Dataset below:

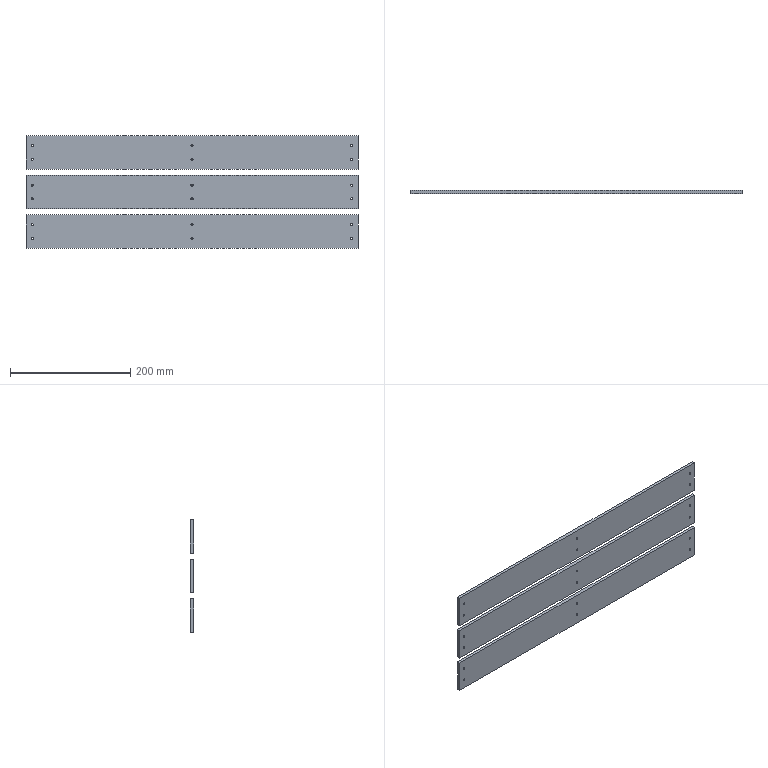CAM job | Mastercam | mm | 4 operations | part box 553 x 5 x 188
1. Contour (Ramp) | 4 - 4 平铣刀
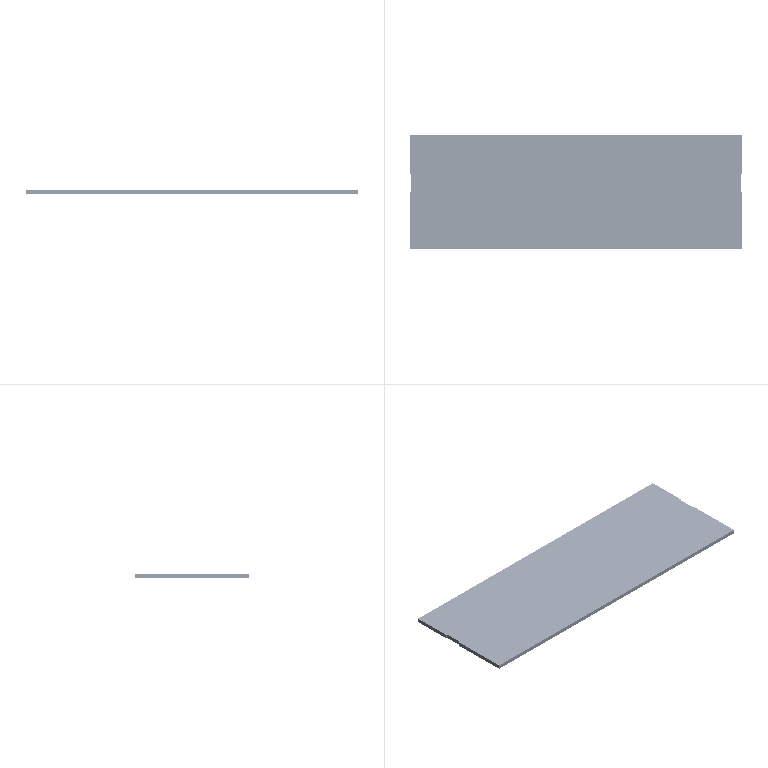2. Contour (2D) | 4 - 4 平铣刀
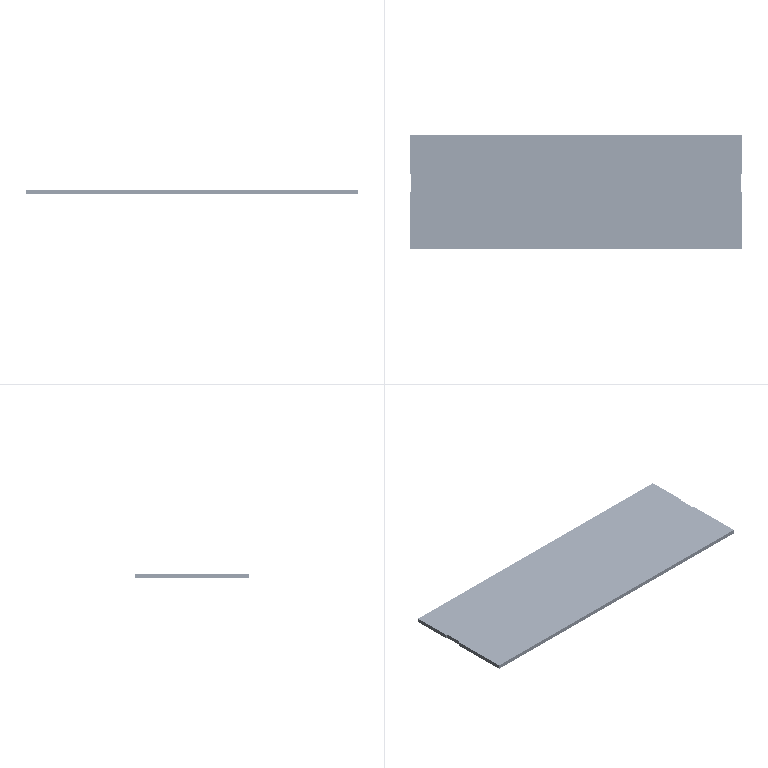3. Drill/Counterbore | 5 - 4 倒角刀
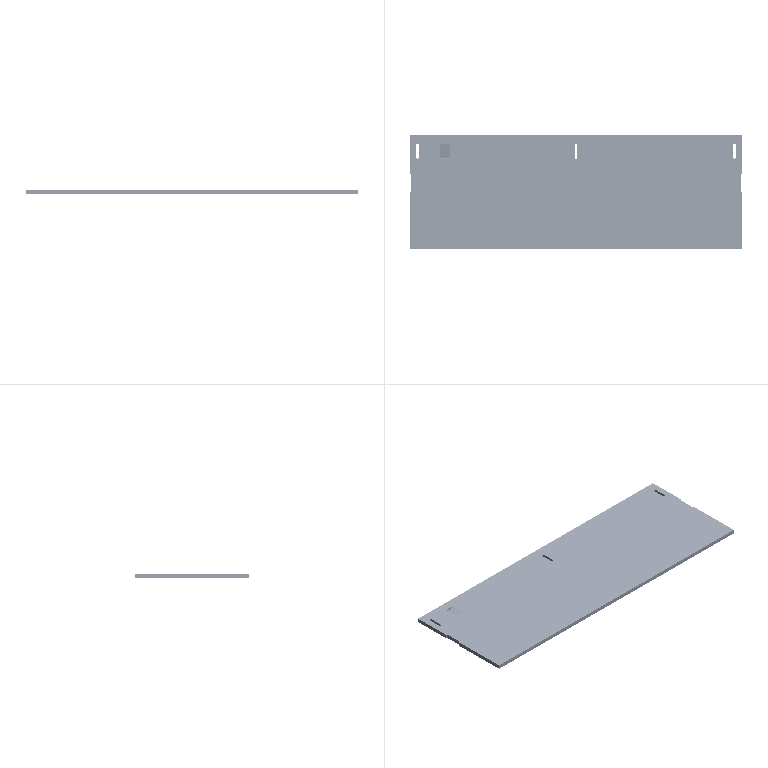4. Contour (2D chamfer) | 5 - 4 倒角刀

End of Dataset.

**Work to be completed**
Nothing but an exact copy is needed, covering the lines from the line with "1. Contour (Ramp) | 4 - 4 平铣刀" through the last line of the entries, pictures excluded.

**Written reply**
1. Contour (Ramp) | 4 - 4 平铣刀
2. Contour (2D) | 4 - 4 平铣刀
3. Drill/Counterbore | 5 - 4 倒角刀
4. Contour (2D chamfer) | 5 - 4 倒角刀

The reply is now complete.